• _Requirement_:
Could you copy every line of the data that contains the word "subcontext"?

• _Recorded information_:
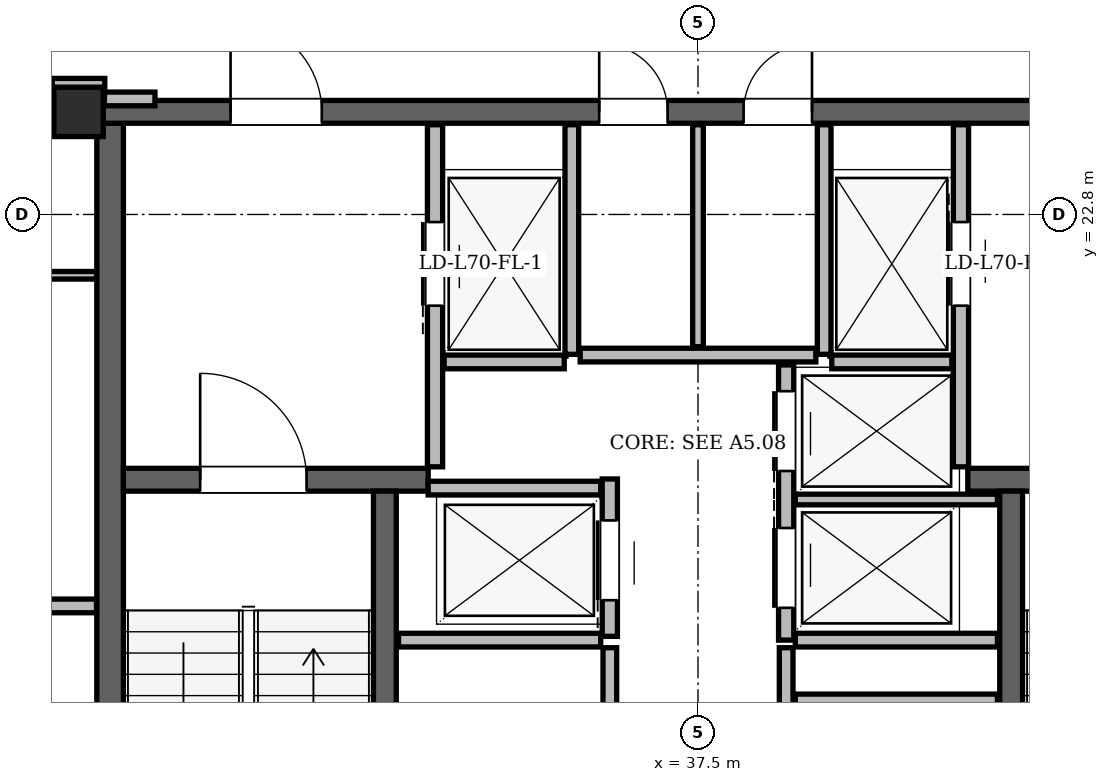
"""IFC4 building model, lengths in metres.
Left out: names, types, materials, properties, quantities, classifications, styles, units other than length and angle.
Written with IfcOpenShell. Run it as: python <this file> out.ifc"""

import sys

from ifc_helpers import new_model, si_unit, direction, frame, frame_2d, origin, origin_2d, place, context, subcontext, project, spatial, rectangle, hollow_rectangle, extrude, element, fill, save


model = new_model("IFC4")
c1 = context("Model", 3, precision=1e-05, world=origin(), true_north=direction((0.0, 1.0)))
c2 = subcontext(c1, "Body", "Model", "MODEL_VIEW")
j1 = project(units=[si_unit("LENGTHUNIT", "METRE"), si_unit("PLANEANGLEUNIT", "RADIAN")], contexts=[c1])
p1 = place(None, origin())
s1 = spatial("IfcSite", under=j1, at=p1, CompositionType="ELEMENT")
p2 = place(p1, origin())
s2 = spatial("IfcBuilding", under=s1, at=p2, CompositionType="ELEMENT")
p3 = place(p2, frame((0.0, 0.0, 265.5)))
s3 = spatial("IfcBuildingStorey", under=s2, at=p3, CompositionType="ELEMENT", Elevation=265.5)
p4 = place(p3, frame((29.35, 24.15, 0.0), z_axis=(0.0, 0.0, 1.0), x_axis=(1.0, 0.0, 0.0)))
e1 = element("IfcColumn", 1, at=p4, inside=s3, PredefinedType="COLUMN", context=c2, shape_type="SweptSolid", body=[
    extrude(hollow_rectangle(XDim=0.65, YDim=0.65, WallThickness=0.05, at=origin_2d()), origin(), (0.0, 0.0, 1.0), 3.9),
])
p5 = place(p3, frame((29.765, 11.0, 0.0), z_axis=(0.0, 0.0, 1.0), x_axis=(0.0, 1.0, 0.0)))
e2 = element("IfcWall", 2, at=p5, inside=s3, PredefinedType="SHEAR", context=c2, shape_type="SweptSolid", body=[
    extrude(rectangle(XDim=13.3, YDim=0.35, at=frame_2d((6.65, 0.0))), origin(), (0.0, 0.0, 1.0), 3.68),
])
p6 = place(p3, frame((29.65, 24.15, 0.0), z_axis=(0.0, 0.0, 1.0), x_axis=(1.0, 0.0, 0.0)))
e3 = element("IfcWall", 3, at=p6, inside=s3, PredefinedType="SHEAR", context=c2, shape_type="SweptSolid", body=[
    extrude(rectangle(XDim=15.7, YDim=0.3, at=frame_2d((7.85, 0.0))), origin(), (0.0, 0.0, 1.0), 3.68),
])
p7 = place(p6, frame((1.7, 0.0, 0.0)))
e4 = element("IfcOpeningElement", 4, at=p7, cuts=e3, PredefinedType="OPENING", context=c2, shape_type="SweptSolid", body=[
    extrude(rectangle(XDim=1.2, YDim=2.2, at=frame_2d((0.6, 1.1))), frame((0.0, 0.15, 0.0), z_axis=(0.0, -1.0, 0.0), x_axis=(1.0, 0.0, 0.0)), (0.0, 0.0, 1.0), 0.3),
])
p8 = place(p6, frame((12.8, 0.0, 0.0)))
e5 = element("IfcOpeningElement", 5, at=p8, cuts=e3, PredefinedType="OPENING", context=c2, shape_type="SweptSolid", body=[
    extrude(rectangle(XDim=1.2, YDim=2.2, at=frame_2d((0.6, 1.1))), frame((0.0, 0.15, 0.0), z_axis=(0.0, -1.0, 0.0), x_axis=(1.0, 0.0, 0.0)), (0.0, 0.0, 1.0), 0.3),
])
p9 = place(p6, frame((6.55, 0.0, 0.0)))
e6 = element("IfcOpeningElement", 6, at=p9, cuts=e3, PredefinedType="OPENING", context=c2, shape_type="SweptSolid", body=[
    extrude(rectangle(XDim=0.9, YDim=2.05, at=frame_2d((0.45, 1.025))), frame((0.0, 0.15, 0.0), z_axis=(0.0, -1.0, 0.0), x_axis=(1.0, 0.0, 0.0)), (0.0, 0.0, 1.0), 0.3),
])
p10 = place(p6, frame((8.45, 0.0, 0.0)))
e7 = element("IfcOpeningElement", 7, at=p10, cuts=e3, PredefinedType="OPENING", context=c2, shape_type="SweptSolid", body=[
    extrude(rectangle(XDim=0.9, YDim=2.05, at=frame_2d((0.45, 1.025))), frame((0.0, 0.15, 0.0), z_axis=(0.0, -1.0, 0.0), x_axis=(1.0, 0.0, 0.0)), (0.0, 0.0, 1.0), 0.3),
])
p11 = place(p3, frame((29.94, 19.31, 0.0), z_axis=(0.0, 0.0, 1.0), x_axis=(1.0, 0.0, 0.0)))
e8 = element("IfcWall", 8, at=p11, inside=s3, PredefinedType="SHEAR", context=c2, shape_type="SweptSolid", body=[
    extrude(rectangle(XDim=4.01, YDim=0.3, at=frame_2d((2.005, 0.0))), origin(), (0.0, 0.0, 1.0), 3.68),
])
p12 = place(p11, frame((1.01, 0.0, 0.0)))
e9 = element("IfcOpeningElement", 9, at=p12, cuts=e8, PredefinedType="OPENING", context=c2, shape_type="SweptSolid", body=[
    extrude(rectangle(XDim=1.4, YDim=2.2, at=frame_2d((0.7, 1.1))), frame((0.0, 0.15, 0.0), z_axis=(0.0, -1.0, 0.0), x_axis=(1.0, 0.0, 0.0)), (0.0, 0.0, 1.0), 0.3),
])
p13 = place(p3, frame((41.05, 19.31, 0.0), z_axis=(0.0, 0.0, 1.0), x_axis=(1.0, 0.0, 0.0)))
e10 = element("IfcWall", 10, at=p13, inside=s3, PredefinedType="SHEAR", context=c2, shape_type="SweptSolid", body=[
    extrude(rectangle(XDim=4.01, YDim=0.3, at=frame_2d((2.005, 0.0))), origin(), (0.0, 0.0, 1.0), 3.68),
])
p14 = place(p13, frame((1.6, 0.0, 0.0)))
e11 = element("IfcOpeningElement", 11, at=p14, cuts=e10, PredefinedType="OPENING", context=c2, shape_type="SweptSolid", body=[
    extrude(rectangle(XDim=1.4, YDim=2.2, at=frame_2d((0.7, 1.1))), frame((0.0, 0.15, 0.0), z_axis=(0.0, -1.0, 0.0), x_axis=(1.0, 0.0, 0.0)), (0.0, 0.0, 1.0), 0.3),
])
for number, where, z_axis, x_axis in (
    (12, (33.38, 11.54, 0.0), (0.0, 0.0, 1.0), (0.0, 1.0, 0.0)),
    (13, (41.62, 11.54, 0.0), (0.0, 0.0, 1.0), (0.0, 1.0, 0.0)),
):
    element("IfcWall", number, at=place(p3, frame(where, z_axis=z_axis, x_axis=x_axis)), inside=s3, PredefinedType="SHEAR", context=c2, shape_type="SweptSolid", body=[
        extrude(rectangle(XDim=7.62, YDim=0.3, at=frame_2d((3.81, 0.0))), origin(), (0.0, 0.0, 1.0), 3.68),
    ])
p15 = place(p3, frame((35.012, 43.042, 0.0), z_axis=(0.0, 0.0, 1.0), x_axis=(-0.49999932964, -0.866025790817, 0.0)))
e14 = element("IfcWall", 14, at=p15, inside=s3, PredefinedType="SOLIDWALL", context=c2, shape_type="SweptSolid", body=[
    extrude(rectangle(XDim=37.248, YDim=0.29, at=frame_2d((18.624, 0.0))), origin(), (0.0, 0.0, 1.0), 3.058),
])
p16 = place(p15, frame((3.639, 0.0, 0.0)))
e15 = element("IfcOpeningElement", 15, at=p16, cuts=e14, PredefinedType="OPENING", context=c2, shape_type="SweptSolid", body=[
    extrude(rectangle(XDim=1.5, YDim=2.2, at=frame_2d((0.75, 1.1))), frame((0.0, 0.145, 0.0), z_axis=(0.0, -1.0, 0.0), x_axis=(1.0, 0.0, 0.0)), (0.0, 0.0, 1.0), 0.29),
])
p17 = place(p15, frame((27.504, 0.0, 0.0)))
e16 = element("IfcOpeningElement", 16, at=p17, cuts=e14, PredefinedType="OPENING", context=c2, shape_type="SweptSolid", body=[
    extrude(rectangle(XDim=1.5, YDim=2.2, at=frame_2d((0.75, 1.1))), frame((0.0, 0.145, 0.0), z_axis=(0.0, -1.0, 0.0), x_axis=(1.0, 0.0, 0.0)), (0.0, 0.0, 1.0), 0.29),
])
p18 = place(p15, frame((35.135, 0.0, 0.85)))
e17 = element("IfcOpeningElement", 17, at=p18, cuts=e14, PredefinedType="OPENING", context=c2, shape_type="SweptSolid", body=[
    extrude(rectangle(XDim=1.2, YDim=1.48, at=frame_2d((0.6, 0.74))), frame((0.0, 0.145, 0.0), z_axis=(0.0, -1.0, 0.0), x_axis=(1.0, 0.0, 0.0)), (0.0, 0.0, 1.0), 0.29),
])
p19 = place(p15, frame((32.321, 0.0, 0.85)))
e18 = element("IfcOpeningElement", 18, at=p19, cuts=e14, PredefinedType="OPENING", context=c2, shape_type="SweptSolid", body=[
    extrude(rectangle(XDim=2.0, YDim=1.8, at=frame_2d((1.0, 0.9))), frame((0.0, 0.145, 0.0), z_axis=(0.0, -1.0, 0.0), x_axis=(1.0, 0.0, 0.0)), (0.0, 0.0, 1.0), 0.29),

• _Response to the task_:
from ifc_helpers import new_model, si_unit, direction, frame, frame_2d, origin, origin_2d, place, context, subcontext, project, spatial, rectangle, hollow_rectangle, extrude, element, fill, save
c2 = subcontext(c1, "Body", "Model", "MODEL_VIEW")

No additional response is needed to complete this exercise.